DATA UNDER STUDY —
=======
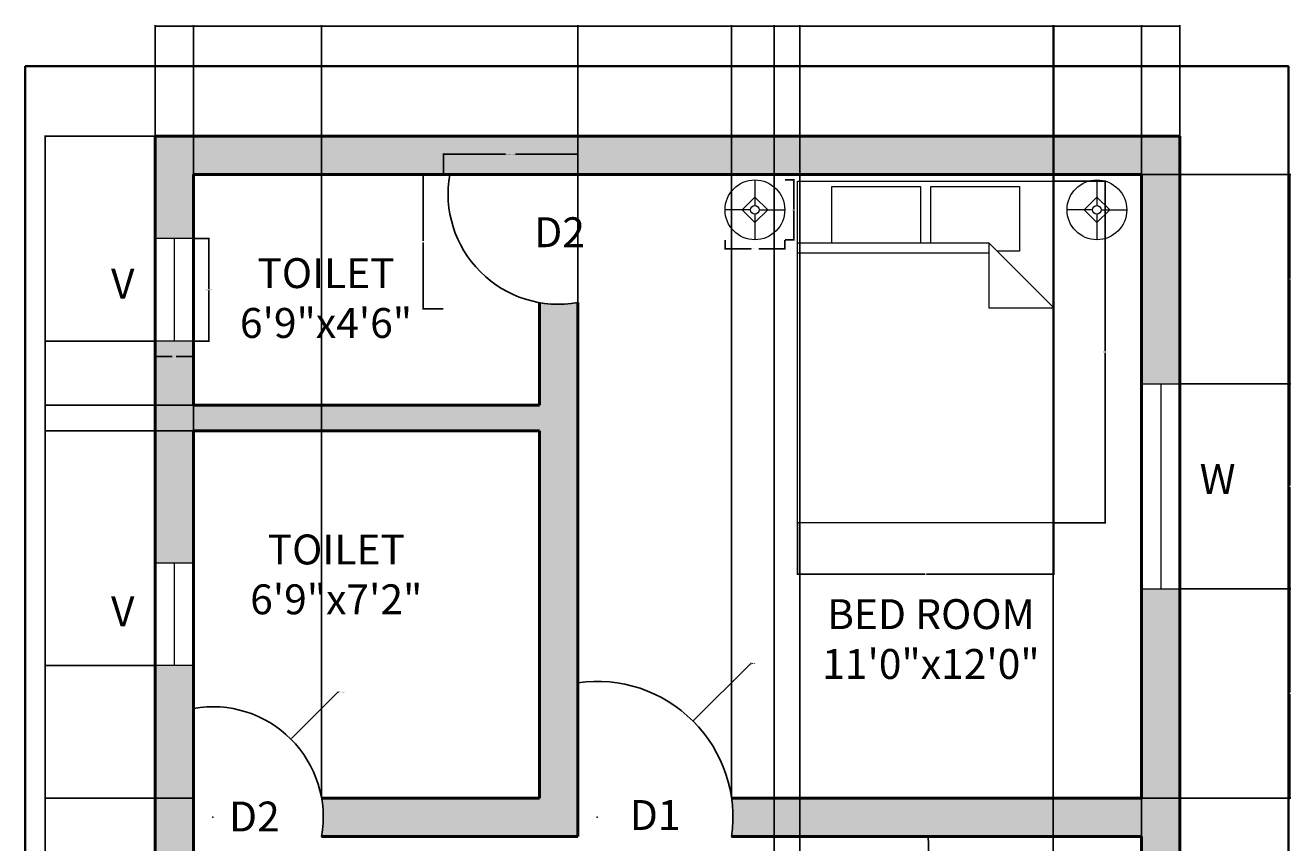
# Model space of a CAD drawing. Units: inches. Extents: x 1972 to 2269, y 1491 to 2023.
# Tile 3 of 3: x 1972 to 2269, y 1831 to 2023. Entities that reach past the tile are written whole.
import ezdxf

# ---------------------------------------------------------------- set-up
doc = ezdxf.new("R2010")
doc.units = ezdxf.units.IN
for name, color, linetype, lineweight in [('A-ANNO-DIMS', 2, 'Continuous', 18), ('A-ANNO-TEXT', 7, 'Continuous', 18), ('A-ANNO-TTLB', 7, 'Continuous', 35), ('A-AREA-IDEN', 7, 'Continuous', 25), ('A-DOOR', 3, 'Continuous', 25), ('A-FURN', 8, 'Continuous', 18), ('A-GLAZ', 4, 'Continuous', 18), ('A-WALL', 7, 'Continuous', 50)]:
    doc.layers.add(name, color=color, linetype=linetype, lineweight=lineweight)
doc.layers.add('A-WALL-PATT', color=18, linetype='Continuous', lineweight=13, true_color=0x000000)
doc.styles.get("Standard").update_dxf_attribs({"font": 'arial.ttf'})
doc.dimstyles.get("Standard").update_dxf_attribs({"dimtxt": 0.18, "dimasz": 0.18, "dimexe": 0.18, "dimexo": 0.0625, "dimgap": 0.09, "dimtad": 0, "dimtih": 1, "dimtoh": 1, "dimdec": 4, "dimzin": 0, "dimdsep": 46, "dimtxsty": 'Standard', "dimcen": 0.09, "dimadec": 0, "dimazin": 0, "dimtfac": 1, "dimtdec": 4, "dimtofl": 0, "dimtmove": 0, "dimatfit": 3, "dimfxl": 1, "dimtolj": 1, "dimtzin": 0, "dimarcsym": 0})

# ---------------------------------------------------------------- blocks, each defined once
blk = doc.blocks.new('Bed - Queen')
for p, q in [((0, -80.00003), (0, 0)), ((0, 0), (59.99999, 0)), ((59.99999, 0), (59.99999, -80.00003)), ((7.99999, -1.2), (28.79998, -1.2)), ((7.99999, -14.4), (7.99999, -1.2)), ((28.79998, -1.2), (28.79998, -14.4)), ((31.19999, -1.2), (51.99999, -1.2)), ((31.19999, -14.4), (31.19999, -1.2)), ((51.99999, -1.2), (51.99999, -16.4)), ((0, -14.4), (44.8, -14.4)), ((59.99999, -29.6), (44.8, -14.4)), ((44.8, -14.4), (44.8, -29.6)), ((44.8, -16.8), (0, -16.8)), ((51.99999, -16.4), (46.79936, -16.4)), ((44.8, -29.6), (59.99999, -29.6)), ((59.99999, -80.00003), (0, -80.00003))]:
    blk.add_line(p, q)
blk = doc.blocks.new('Lamp - Table')
for p, q in [((0, 7), (0, 1)), ((0, 3), (-3, 0)), ((3, 0), (0, 3)), ((-1, 0), (-7, 0)), ((-3, 0), (0, -3)), ((0, -3), (3, 0)), ((1, 0), (7, 0)), ((0, -1), (0, -7))]:
    blk.add_line(p, q)
for radius in [7, 1]:
    blk.add_circle((0, 0), radius)
blk = doc.blocks.new('VENT-24IN')
for p, q in [((9, 24), (0, 24)), ((4.5, 24), (4.5, 0)), ((9, 0), (0, 0))]:
    blk.add_line(p, q)
blk = doc.blocks.new('DOOR-SINGLE-30IN')
blk.add_line((0, 0), (0, 30))
blk.add_arc((4.5, 4.5), 25.89, 349.992, 100.008)
blk = doc.blocks.new('*D14')
at = {"layer": 'A-ANNO-DIMS', "color": 0, "lineweight": -2, "transparency": 16777216}
for p, q in [((2011.89, 1972.6), (2015.61, 1972.6)), ((2015.43, 1972.42), (2015.43, 1960.78)), ((2015.43, 1948.78), (2015.43, 1960.42)), ((2011.89, 1948.6), (2015.61, 1948.6))]:
    blk.add_line(p, q, dxfattribs=at)
at = {"layer": 'A-ANNO-DIMS', "color": 0, "transparency": 16777216}
for points in [[(2015.4, 1972.42), (2015.46, 1972.42), (2015.43, 1972.6)], [(2015.4, 1948.78), (2015.46, 1948.78), (2015.43, 1948.6)]]:
    blk.add_solid(points, dxfattribs=at)
at = {"layer": 'Defpoints', "color": 0, "transparency": 16777216}
for p in [(2011.83, 1972.6), (2015.43, 1972.6), (2011.83, 1948.6)]:
    blk.add_point(p, dxfattribs=at)
at = {"layer": 'A-ANNO-DIMS', "color": 0, "transparency": 16777216, "insert": (2015.43, 1960.6), "char_height": 0.18, "attachment_point": 5}
blk.add_mtext('\\A1;VENT 24 TYP.', dxfattribs=at)
blk = doc.blocks.new('*D15')
at = {"layer": 'A-ANNO-DIMS', "color": 0, "lineweight": -2, "transparency": 16777216}
for p, q in [((2002.83, 1948.54), (2002.83, 1944.82)), ((2011.83, 1948.54), (2011.83, 1944.82)), ((2003.01, 1945), (2006.87, 1945)), ((2011.65, 1945), (2007.78, 1945))]:
    blk.add_line(p, q, dxfattribs=at)
at = {"layer": 'A-ANNO-DIMS', "color": 0, "transparency": 16777216}
for points in [[(2003.01, 1945.03), (2003.01, 1944.97), (2002.83, 1945)], [(2011.65, 1945.03), (2011.65, 1944.97), (2011.83, 1945)]]:
    blk.add_solid(points, dxfattribs=at)
at = {"layer": 'Defpoints', "color": 0, "transparency": 16777216}
for p in [(2002.83, 1948.6), (2011.83, 1948.6), (2011.83, 1945)]:
    blk.add_point(p, dxfattribs=at)
at = {"layer": 'A-ANNO-DIMS', "color": 0, "transparency": 16777216, "insert": (2007.33, 1945), "char_height": 0.18, "attachment_point": 5}
blk.add_mtext('\\A1;9 TYP.', dxfattribs=at)
blk = doc.blocks.new('*D16')
at = {"layer": 'A-ANNO-DIMS', "color": 0, "lineweight": -2, "transparency": 16777216}
for p, q in [((2070.36, 1987.66), (2070.36, 1992.5)), ((2070.54, 1992.32), (2084.91, 1992.32)), ((2101.65, 1992.32), (2087.27, 1992.32)), ((2101.83, 1987.66), (2101.83, 1992.5))]:
    blk.add_line(p, q, dxfattribs=at)
at = {"layer": 'A-ANNO-DIMS', "color": 0, "transparency": 16777216}
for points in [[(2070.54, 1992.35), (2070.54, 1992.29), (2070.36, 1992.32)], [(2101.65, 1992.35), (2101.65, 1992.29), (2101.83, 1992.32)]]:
=======
YOUR OBJECTIVE —
Show the lines of the listing above with "layers".

RESULT —
    doc.layers.add(name, color=color, linetype=linetype, lineweight=lineweight)
doc.layers.add('A-WALL-PATT', color=18, linetype='Continuous', lineweight=13, true_color=0x000000)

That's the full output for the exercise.